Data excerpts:

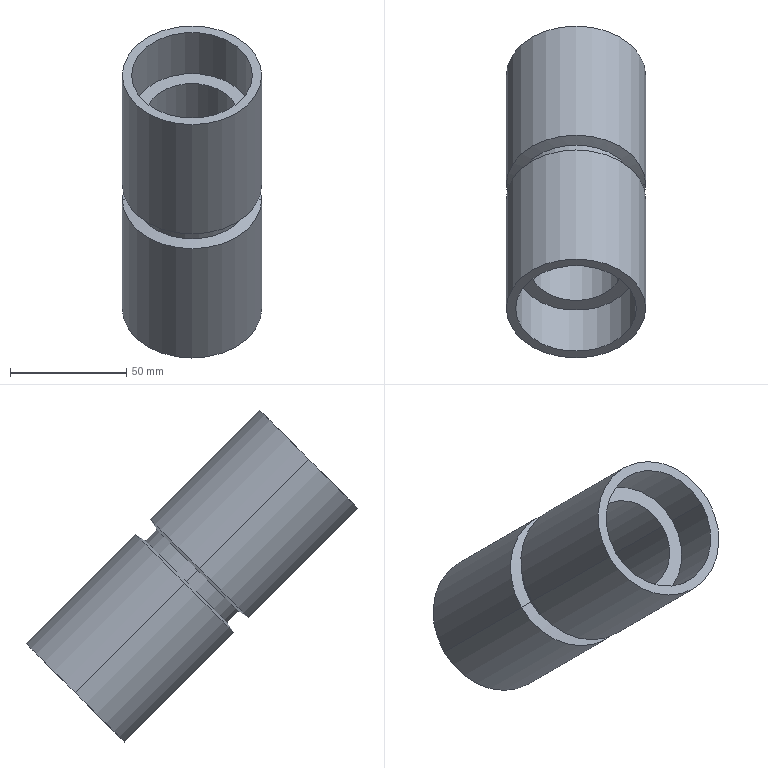Component | SolidWorks | PassiveRollerAssembly-1_StainlessSteelRoller-2 | 1 solid | 20 faces | box 60 x 142.84 x 142.84 mm | volume 167559 mm3 | cylinder 12 | cone 4 | plane 4 | commonest cylinder face diameters 52 x4 60 x4 40 x2 50 x2
build123d program:
from build123d import *


with BuildPart() as part:
    # Sketch1 → Revolve1 (revolve)
    with BuildSketch(Plane.XY, mode=Mode.PRIVATE) as revolve1_sk:
        Polygon((0, 26), (0, 30), (66.5, 30), (67.5, 25), (74.5, 25), (75.5, 30), (142, 30), (142, 26), (111, 26), (111, 20), (25, 20), (25, 26), align=None)
    revolve(revolve1_sk.sketch.rotate(Axis((-104.65, 0, 0), (1, 0, 0)), 90), axis=Axis((-104.65, 0, 0), (1, 0, 0)))


solid = part.part

# Placed as in the assembly
solid = solid.moved(Location((2216.026, 658.479, 246.908), (-45, -12.915, 90)))
STEP:
#1=COLOUR_RGB('',0.7922,0.8196,0.9333);
#2=FILL_AREA_STYLE_COLOUR('',#1);
#3=FILL_AREA_STYLE('',(#2));
#4=SURFACE_STYLE_FILL_AREA(#3);
#5=SURFACE_SIDE_STYLE('',(#4));
#6=SURFACE_STYLE_USAGE(.BOTH.,#5);
#7=PRESENTATION_STYLE_ASSIGNMENT((#6));
#8=CARTESIAN_POINT('',(86.458,29.014,6.631));
#9=VERTEX_POINT('',#8);
#10=CARTESIAN_POINT('',(88.033,29.014,6.631));
#11=VERTEX_POINT('',#10);
#12=CARTESIAN_POINT('',(87.245,29.014,6.631));
#13=DIRECTION('',(0.,-0.7071,0.7071));
#14=DIRECTION('',(1.,0.,0.));
#15=AXIS2_PLACEMENT_3D('',#12,#13,#14);
#16=CIRCLE('',#15,0.7874);
#17=EDGE_CURVE('',#9,#11,#16,.T.);
#18=ORIENTED_EDGE('',*,*,#17,.F.);
#19=CARTESIAN_POINT('',(86.458,26.62,9.025));
#20=VERTEX_POINT('',#19);
#21=CARTESIAN_POINT('',(86.458,23.011,12.634));
#22=DIRECTION('',(0.,-0.7071,0.7071));
#23=VECTOR('',#22,39.37);
#24=LINE('',#21,#23);
#25=EDGE_CURVE('',#9,#20,#24,.T.);
#26=ORIENTED_EDGE('',*,*,#25,.T.);
#27=CARTESIAN_POINT('',(88.033,26.62,9.025));
#28=VERTEX_POINT('',#27);
#29=CARTESIAN_POINT('',(87.245,26.62,9.025));
#30=DIRECTION('',(0.,-0.7071,0.7071));
#31=DIRECTION('',(1.,0.,0.));
#32=AXIS2_PLACEMENT_3D('',#29,#30,#31);
#33=CIRCLE('',#32,0.7874);
#34=EDGE_CURVE('',#20,#28,#33,.T.);
#35=ORIENTED_EDGE('',*,*,#34,.T.);
#36=CARTESIAN_POINT('',(88.033,23.011,12.634));
#37=DIRECTION('',(0.,-0.7071,0.7071));
#38=VECTOR('',#37,39.37);
#39=LINE('',#36,#38);
#40=EDGE_CURVE('',#11,#28,#39,.T.);
#41=ORIENTED_EDGE('',*,*,#40,.F.);
#42=EDGE_LOOP('',(#18,#26,#35,#41));
#43=FACE_OUTER_BOUND('',#42,.T.);
#44=CARTESIAN_POINT('',(87.245,23.011,12.634));
#45=DIRECTION('',(0.,-0.7071,0.7071));
#46=DIRECTION('',(1.,0.,0.));
#47=AXIS2_PLACEMENT_3D('',#44,#45,#46);
#48=CYLINDRICAL_SURFACE('',#47,0.7874);
#49=ADVANCED_FACE('',(#43),#48,.F.);
#50=CARTESIAN_POINT('',(86.222,29.877,5.768));
#51=VERTEX_POINT('',#50);
#52=CARTESIAN_POINT('',(88.269,29.877,5.768));
#53=VERTEX_POINT('',#52);
#54=CARTESIAN_POINT('',(87.245,29.877,5.768));
#55=DIRECTION('',(0.,-0.7071,0.7071));
#56=DIRECTION('',(1.,0.,0.));
#57=AXIS2_PLACEMENT_3D('',#54,#55,#56);
#58=CIRCLE('',#57,1.024);
#59=EDGE_CURVE('',#51,#53,#58,.T.);
#60=ORIENTED_EDGE('',*,*,#59,.F.);
#61=CARTESIAN_POINT('',(86.222,29.014,6.631));
#62=VERTEX_POINT('',#61);
#63=CARTESIAN_POINT('',(86.222,23.011,12.634));
#64=DIRECTION('',(0.,-0.7071,0.7071));
#65=VECTOR('',#64,39.37);
#66=LINE('',#63,#65);
#67=EDGE_CURVE('',#51,#62,#66,.T.);
#68=ORIENTED_EDGE('',*,*,#67,.T.);
#69=CARTESIAN_POINT('',(88.269,29.014,6.631));
#70=VERTEX_POINT('',#69);
#71=CARTESIAN_POINT('',(87.245,29.014,6.631));
#72=DIRECTION('',(0.,-0.7071,0.7071));
#73=DIRECTION('',(1.,0.,0.));
#74=AXIS2_PLACEMENT_3D('',#71,#72,#73);
#75=CIRCLE('',#74,1.024);
#76=EDGE_CURVE('',#62,#70,#75,.T.);
#77=ORIENTED_EDGE('',*,*,#76,.T.);
#78=CARTESIAN_POINT('',(88.269,23.011,12.634));
#79=DIRECTION('',(0.,-0.7071,0.7071));
#80=VECTOR('',#79,39.37);
#81=LINE('',#78,#80);
#82=EDGE_CURVE('',#53,#70,#81,.T.);
#83=ORIENTED_EDGE('',*,*,#82,.F.);
#84=EDGE_LOOP('',(#60,#68,#77,#83));
#85=FACE_OUTER_BOUND('',#84,.T.);
#86=CARTESIAN_POINT('',(87.245,23.011,12.634));
#87=DIRECTION('',(0.,-0.7071,0.7071));
#88=DIRECTION('',(1.,0.,0.));
#89=AXIS2_PLACEMENT_3D('',#86,#87,#88);
#90=CYLINDRICAL_SURFACE('',#89,1.024);
#91=ADVANCED_FACE('',(#85),#90,.F.);
#92=CARTESIAN_POINT('',(88.426,29.877,5.768));
#93=VERTEX_POINT('',#92);
#94=CARTESIAN_POINT('',(86.064,29.877,5.768));
#95=VERTEX_POINT('',#94);
#96=CARTESIAN_POINT('',(87.245,29.877,5.768));
#97=DIRECTION('',(0.,-0.7071,0.7071));
#98=DIRECTION('',(1.,0.,0.));
#99=AXIS2_PLACEMENT_3D('',#96,#97,#98);
#100=CIRCLE('',#99,1.181);
#101=EDGE_CURVE('',#93,#95,#100,.T.);
#102=ORIENTED_EDGE('',*,*,#101,.T.);
#103=CARTESIAN_POINT('',(86.064,28.026,7.619));
#104=VERTEX_POINT('',#103);
#105=CARTESIAN_POINT('',(86.064,23.011,12.634));
#106=DIRECTION('',(0.,-0.7071,0.7071));
#107=VECTOR('',#106,39.37);
#108=LINE('',#105,#107);
#109=EDGE_CURVE('',#95,#104,#108,.T.);
#110=ORIENTED_EDGE('',*,*,#109,.T.);
#111=CARTESIAN_POINT('',(88.426,28.026,7.619));
#112=VERTEX_POINT('',#111);
#113=CARTESIAN_POINT('',(87.245,28.026,7.619));
#114=DIRECTION('',(0.,-0.7071,0.7071));
#115=DIRECTION('',(1.,0.,0.));
#116=AXIS2_PLACEMENT_3D('',#113,#114,#115);
#117=CIRCLE('',#116,1.181);
#118=EDGE_CURVE('',#112,#104,#117,.T.);
#119=ORIENTED_EDGE('',*,*,#118,.F.);
#120=CARTESIAN_POINT('',(88.426,23.011,12.634));
#121=DIRECTION('',(0.,-0.7071,0.7071));
#122=VECTOR('',#121,39.37);
#123=LINE('',#120,#122);
#124=EDGE_CURVE('',#93,#112,#123,.T.);
#125=ORIENTED_EDGE('',*,*,#124,.F.);
#126=EDGE_LOOP('',(#102,#110,#119,#125));
#127=FACE_OUTER_BOUND('',#126,.T.);
#128=CARTESIAN_POINT('',(87.245,23.011,12.634));
#129=DIRECTION('',(0.,-0.7071,0.7071));
#130=DIRECTION('',(1.,0.,0.));
#131=AXIS2_PLACEMENT_3D('',#128,#129,#130);
#132=CYLINDRICAL_SURFACE('',#131,1.181);
#133=ADVANCED_FACE('',(#127),#132,.T.);
#134=CARTESIAN_POINT('',(88.229,27.998,7.647));
#135=VERTEX_POINT('',#134);
#136=CARTESIAN_POINT('',(86.261,27.998,7.647));
#137=VERTEX_POINT('',#136);
#138=CARTESIAN_POINT('',(87.245,27.998,7.647));
#139=DIRECTION('',(0.,-0.7071,0.7071));
#140=DIRECTION('',(1.,0.,0.));
#141=AXIS2_PLACEMENT_3D('',#138,#139,#140);
#142=CIRCLE('',#141,0.9843);
#143=EDGE_CURVE('',#135,#137,#142,.T.);
#144=ORIENTED_EDGE('',*,*,#143,.F.);
#145=CARTESIAN_POINT('',(88.426,28.026,7.619));
#146=DIRECTION('',(0.9806,0.1387,-0.1387));
#147=VECTOR('',#146,39.37);
#148=LINE('',#145,#147);
#149=EDGE_CURVE('',#135,#112,#148,.T.);
#150=ORIENTED_EDGE('',*,*,#149,.T.);
#151=ORIENTED_EDGE('',*,*,#118,.T.);
#152=CARTESIAN_POINT('',(86.064,28.026,7.619));
#153=DIRECTION('',(-0.9806,0.1387,-0.1387));
#154=VECTOR('',#153,39.37);
#155=LINE('',#152,#154);
#156=EDGE_CURVE('',#137,#104,#155,.T.);
#157=ORIENTED_EDGE('',*,*,#156,.F.);
#158=EDGE_LOOP('',(#144,#150,#151,#157));
#159=FACE_OUTER_BOUND('',#158,.T.);
#160=CARTESIAN_POINT('',(87.245,28.026,7.619));
#161=DIRECTION('',(-0.,0.7071,-0.7071));
#162=DIRECTION('',(-1.,0.,0.));
#163=AXIS2_PLACEMENT_3D('',#160,#161,#162);
#164=CONICAL_SURFACE('',#163,1.181,1.373);
#165=ADVANCED_FACE('',(#159),#164,.T.);
#166=ORIENTED_EDGE('',*,*,#143,.T.);
#167=CARTESIAN_POINT('',(86.261,27.803,7.842));
#168=VERTEX_POINT('',#167);
#169=CARTESIAN_POINT('',(86.261,23.011,12.634));
#170=DIRECTION('',(0.,-0.7071,0.7071));
#171=VECTOR('',#170,39.37);
#172=LINE('',#169,#171);
#173=EDGE_CURVE('',#137,#168,#172,.T.);
#174=ORIENTED_EDGE('',*,*,#173,.T.);
#175=CARTESIAN_POINT('',(88.229,27.803,7.842));
#176=VERTEX_POINT('',#175);
#177=CARTESIAN_POINT('',(87.245,27.803,7.842));
#178=DIRECTION('',(0.,-0.7071,0.7071));
#179=DIRECTION('',(1.,0.,0.));
#180=AXIS2_PLACEMENT_3D('',#177,#178,#179);
#181=CIRCLE('',#180,0.9843);
#182=EDGE_CURVE('',#176,#168,#181,.T.);
#183=ORIENTED_EDGE('',*,*,#182,.F.);
#184=CARTESIAN_POINT('',(88.229,23.011,12.634));
#185=DIRECTION('',(0.,-0.7071,0.7071));
#186=VECTOR('',#185,39.37);
#187=LINE('',#184,#186);
#188=EDGE_CURVE('',#135,#176,#187,.T.);
#189=ORIENTED_EDGE('',*,*,#188,.F.);
#190=EDGE_LOOP('',(#166,#174,#183,#189));
#191=FACE_OUTER_BOUND('',#190,.T.);
#192=CARTESIAN_POINT('',(87.245,23.011,12.634));
#193=DIRECTION('',(0.,-0.7071,0.7071));
#194=DIRECTION('',(1.,0.,0.));
#195=AXIS2_PLACEMENT_3D('',#192,#193,#194);
#196=CYLINDRICAL_SURFACE('',#195,0.9843);
#197=ADVANCED_FACE('',(#191),#196,.T.);
#198=ORIENTED_EDGE('',*,*,#182,.T.);
#199=CARTESIAN_POINT('',(86.064,27.776,7.87));
#200=VERTEX_POINT('',#199);
#201=CARTESIAN_POINT('',(86.261,27.803,7.842));
#202=DIRECTION('',(-0.9806,-0.1387,0.1387));
#203=VECTOR('',#202,39.37);
#204=LINE('',#201,#203);
#205=EDGE_CURVE('',#168,#200,#204,.T.);
#206=ORIENTED_EDGE('',*,*,#205,.T.);
#207=CARTESIAN_POINT('',(88.426,27.776,7.87));
#208=VERTEX_POINT('',#207);
#209=CARTESIAN_POINT('',(87.245,27.776,7.87));
#210=DIRECTION('',(0.,-0.7071,0.7071));
#211=DIRECTION('',(1.,0.,0.));
#212=AXIS2_PLACEMENT_3D('',#209,#210,#211);
#213=CIRCLE('',#212,1.181);
#214=EDGE_CURVE('',#208,#200,#213,.T.);
#215=ORIENTED_EDGE('',*,*,#214,.F.);
#216=CARTESIAN_POINT('',(88.229,27.803,7.842));
#217=DIRECTION('',(0.9806,-0.1387,0.1387));
#218=VECTOR('',#217,39.37);
#219=LINE('',#216,#218);
#220=EDGE_CURVE('',#176,#208,#219,.T.);
#221=ORIENTED_EDGE('',*,*,#220,.F.);
#222=EDGE_LOOP('',(#198,#206,#215,#221));
#223=FACE_OUTER_BOUND('',#222,.T.);
#224=CARTESIAN_POINT('',(87.245,27.803,7.842));
#225=DIRECTION('',(0.,-0.7071,0.7071));
#226=DIRECTION('',(1.,0.,0.));
#227=AXIS2_PLACEMENT_3D('',#224,#225,#226);
#228=CONICAL_SURFACE('',#227,0.9843,1.373);
#229=ADVANCED_FACE('',(#223),#228,.T.);
#230=ORIENTED_EDGE('',*,*,#214,.T.);
#231=CARTESIAN_POINT('',(86.064,25.924,9.721));
#232=VERTEX_POINT('',#231);
#233=CARTESIAN_POINT('',(86.064,23.011,12.634));
#234=DIRECTION('',(0.,-0.7071,0.7071));
#235=VECTOR('',#234,39.37);
#236=LINE('',#233,#235);
#237=EDGE_CURVE('',#200,#232,#236,.T.);
#238=ORIENTED_EDGE('',*,*,#237,.T.);
#239=CARTESIAN_POINT('',(88.426,25.924,9.721));
#240=VERTEX_POINT('',#239);
#241=CARTESIAN_POINT('',(87.245,25.924,9.721));
#242=DIRECTION('',(0.,-0.7071,0.7071));
#243=DIRECTION('',(1.,0.,0.));
#244=AXIS2_PLACEMENT_3D('',#241,#242,#243);
#245=CIRCLE('',#244,1.181);
#246=EDGE_CURVE('',#240,#232,#245,.T.);
#247=ORIENTED_EDGE('',*,*,#246,.F.);
#248=CARTESIAN_POINT('',(88.426,23.011,12.634));
#249=DIRECTION('',(0.,-0.7071,0.7071));
#250=VECTOR('',#249,39.37);
#251=LINE('',#248,#250);
#252=EDGE_CURVE('',#208,#240,#251,.T.);
#253=ORIENTED_EDGE('',*,*,#252,.F.);
#254=EDGE_LOOP('',(#230,#238,#247,#253));
#255=FACE_OUTER_BOUND('',#254,.T.);
#256=CARTESIAN_POINT('',(87.245,23.011,12.634));
#257=DIRECTION('',(0.,-0.7071,0.7071));
#258=DIRECTION('',(1.,0.,0.));
#259=AXIS2_PLACEMENT_3D('',#256,#257,#258);
#260=CYLINDRICAL_SURFACE('',#259,1.181);
#261=ADVANCED_FACE('',(#255),#260,.T.);
#262=CARTESIAN_POINT('',(86.222,26.62,9.025));
#263=VERTEX_POINT('',#262);
#264=CARTESIAN_POINT('',(88.269,26.62,9.025));
#265=VERTEX_POINT('',#264);
#266=CARTESIAN_POINT('',(87.245,26.62,9.025));
#267=DIRECTION('',(0.,-0.7071,0.7071));
#268=DIRECTION('',(1.,0.,0.));
#269=AXIS2_PLACEMENT_3D('',#266,#267,#268);
#270=CIRCLE('',#269,1.024);
#271=EDGE_CURVE('',#263,#265,#270,.T.);
#272=ORIENTED_EDGE('',*,*,#271,.F.);
#273=CARTESIAN_POINT('',(86.222,25.924,9.721));
#274=VERTEX_POINT('',#273);
#275=CARTESIAN_POINT('',(86.222,23.011,12.634));
#276=DIRECTION('',(0.,-0.7071,0.7071));
#277=VECTOR('',#276,39.37);
#278=LINE('',#275,#277);
#279=EDGE_CURVE('',#263,#274,#278,.T.);
#280=ORIENTED_EDGE('',*,*,#279,.T.);
#281=CARTESIAN_POINT('',(88.269,25.924,9.721));
#282=VERTEX_POINT('',#281);
#283=CARTESIAN_POINT('',(87.245,25.924,9.721));
#284=DIRECTION('',(0.,-0.7071,0.7071));
#285=DIRECTION('',(1.,0.,0.));
#286=AXIS2_PLACEMENT_3D('',#283,#284,#285);
#287=CIRCLE('',#286,1.024);
#288=EDGE_CURVE('',#274,#282,#287,.T.);
#289=ORIENTED_EDGE('',*,*,#288,.T.);
#290=CARTESIAN_POINT('',(88.269,23.011,12.634));
#291=DIRECTION('',(0.,-0.7071,0.7071));
#292=VECTOR('',#291,39.37);
#293=LINE('',#290,#292);
#294=EDGE_CURVE('',#265,#282,#293,.T.);
#295=ORIENTED_EDGE('',*,*,#294,.F.);
#296=EDGE_LOOP('',(#272,#280,#289,#295));
#297=FACE_OUTER_BOUND('',#296,.T.);
#298=CARTESIAN_POINT('',(87.245,23.011,12.634));
#299=DIRECTION('',(0.,-0.7071,0.7071));
#300=DIRECTION('',(1.,0.,0.));
#301=AXIS2_PLACEMENT_3D('',#298,#299,#300);
#302=CYLINDRICAL_SURFACE('',#301,1.024);
#303=ADVANCED_FACE('',(#297),#302,.F.);
#304=ORIENTED_EDGE('',*,*,#279,.F.);
#305=CARTESIAN_POINT('',(87.245,26.62,9.025));
#306=DIRECTION('',(0.,-0.7071,0.7071));
#307=DIRECTION('',(1.,0.,0.));
#308=AXIS2_PLACEMENT_3D('',#305,#306,#307);
#309=CIRCLE('',#308,1.024);
#310=EDGE_CURVE('',#265,#263,#309,.T.);
#311=ORIENTED_EDGE('',*,*,#310,.F.);
#312=ORIENTED_EDGE('',*,*,#294,.T.);
#313=CARTESIAN_POINT('',(87.245,25.924,9.721));
#314=DIRECTION('',(0.,-0.7071,0.7071));
#315=DIRECTION('',(1.,0.,0.));
#316=AXIS2_PLACEMENT_3D('',#313,#314,#315);
#317=CIRCLE('',#316,1.024);
#318=EDGE_CURVE('',#282,#274,#317,.T.);
#319=ORIENTED_EDGE('',*,*,#318,.T.);
#320=EDGE_LOOP('',(#304,#311,#312,#319));
#321=FACE_OUTER_BOUND('',#320,.T.);
#322=CARTESIAN_POINT('',(87.245,23.011,12.634));
#323=DIRECTION('',(0.,-0.7071,0.7071));
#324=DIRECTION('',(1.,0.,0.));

### Work required
Output the lines above between the one holding "#250=VECTOR('',#249,39.37);" and the one holding "#304=ORIENTED_EDGE('',*,*,#279,.F.);", inclusive, with nothing before or after them.

### Response box
#250=VECTOR('',#249,39.37);
#251=LINE('',#248,#250);
#252=EDGE_CURVE('',#208,#240,#251,.T.);
#253=ORIENTED_EDGE('',*,*,#252,.F.);
#254=EDGE_LOOP('',(#230,#238,#247,#253));
#255=FACE_OUTER_BOUND('',#254,.T.);
#256=CARTESIAN_POINT('',(87.245,23.011,12.634));
#257=DIRECTION('',(0.,-0.7071,0.7071));
#258=DIRECTION('',(1.,0.,0.));
#259=AXIS2_PLACEMENT_3D('',#256,#257,#258);
#260=CYLINDRICAL_SURFACE('',#259,1.181);
#261=ADVANCED_FACE('',(#255),#260,.T.);
#262=CARTESIAN_POINT('',(86.222,26.62,9.025));
#263=VERTEX_POINT('',#262);
#264=CARTESIAN_POINT('',(88.269,26.62,9.025));
#265=VERTEX_POINT('',#264);
#266=CARTESIAN_POINT('',(87.245,26.62,9.025));
#267=DIRECTION('',(0.,-0.7071,0.7071));
#268=DIRECTION('',(1.,0.,0.));
#269=AXIS2_PLACEMENT_3D('',#266,#267,#268);
#270=CIRCLE('',#269,1.024);
#271=EDGE_CURVE('',#263,#265,#270,.T.);
#272=ORIENTED_EDGE('',*,*,#271,.F.);
#273=CARTESIAN_POINT('',(86.222,25.924,9.721));
#274=VERTEX_POINT('',#273);
#275=CARTESIAN_POINT('',(86.222,23.011,12.634));
#276=DIRECTION('',(0.,-0.7071,0.7071));
#277=VECTOR('',#276,39.37);
#278=LINE('',#275,#277);
#279=EDGE_CURVE('',#263,#274,#278,.T.);
#280=ORIENTED_EDGE('',*,*,#279,.T.);
#281=CARTESIAN_POINT('',(88.269,25.924,9.721));
#282=VERTEX_POINT('',#281);
#283=CARTESIAN_POINT('',(87.245,25.924,9.721));
#284=DIRECTION('',(0.,-0.7071,0.7071));
#285=DIRECTION('',(1.,0.,0.));
#286=AXIS2_PLACEMENT_3D('',#283,#284,#285);
#287=CIRCLE('',#286,1.024);
#288=EDGE_CURVE('',#274,#282,#287,.T.);
#289=ORIENTED_EDGE('',*,*,#288,.T.);
#290=CARTESIAN_POINT('',(88.269,23.011,12.634));
#291=DIRECTION('',(0.,-0.7071,0.7071));
#292=VECTOR('',#291,39.37);
#293=LINE('',#290,#292);
#294=EDGE_CURVE('',#265,#282,#293,.T.);
#295=ORIENTED_EDGE('',*,*,#294,.F.);
#296=EDGE_LOOP('',(#272,#280,#289,#295));
#297=FACE_OUTER_BOUND('',#296,.T.);
#298=CARTESIAN_POINT('',(87.245,23.011,12.634));
#299=DIRECTION('',(0.,-0.7071,0.7071));
#300=DIRECTION('',(1.,0.,0.));
#301=AXIS2_PLACEMENT_3D('',#298,#299,#300);
#302=CYLINDRICAL_SURFACE('',#301,1.024);
#303=ADVANCED_FACE('',(#297),#302,.F.);
#304=ORIENTED_EDGE('',*,*,#279,.F.);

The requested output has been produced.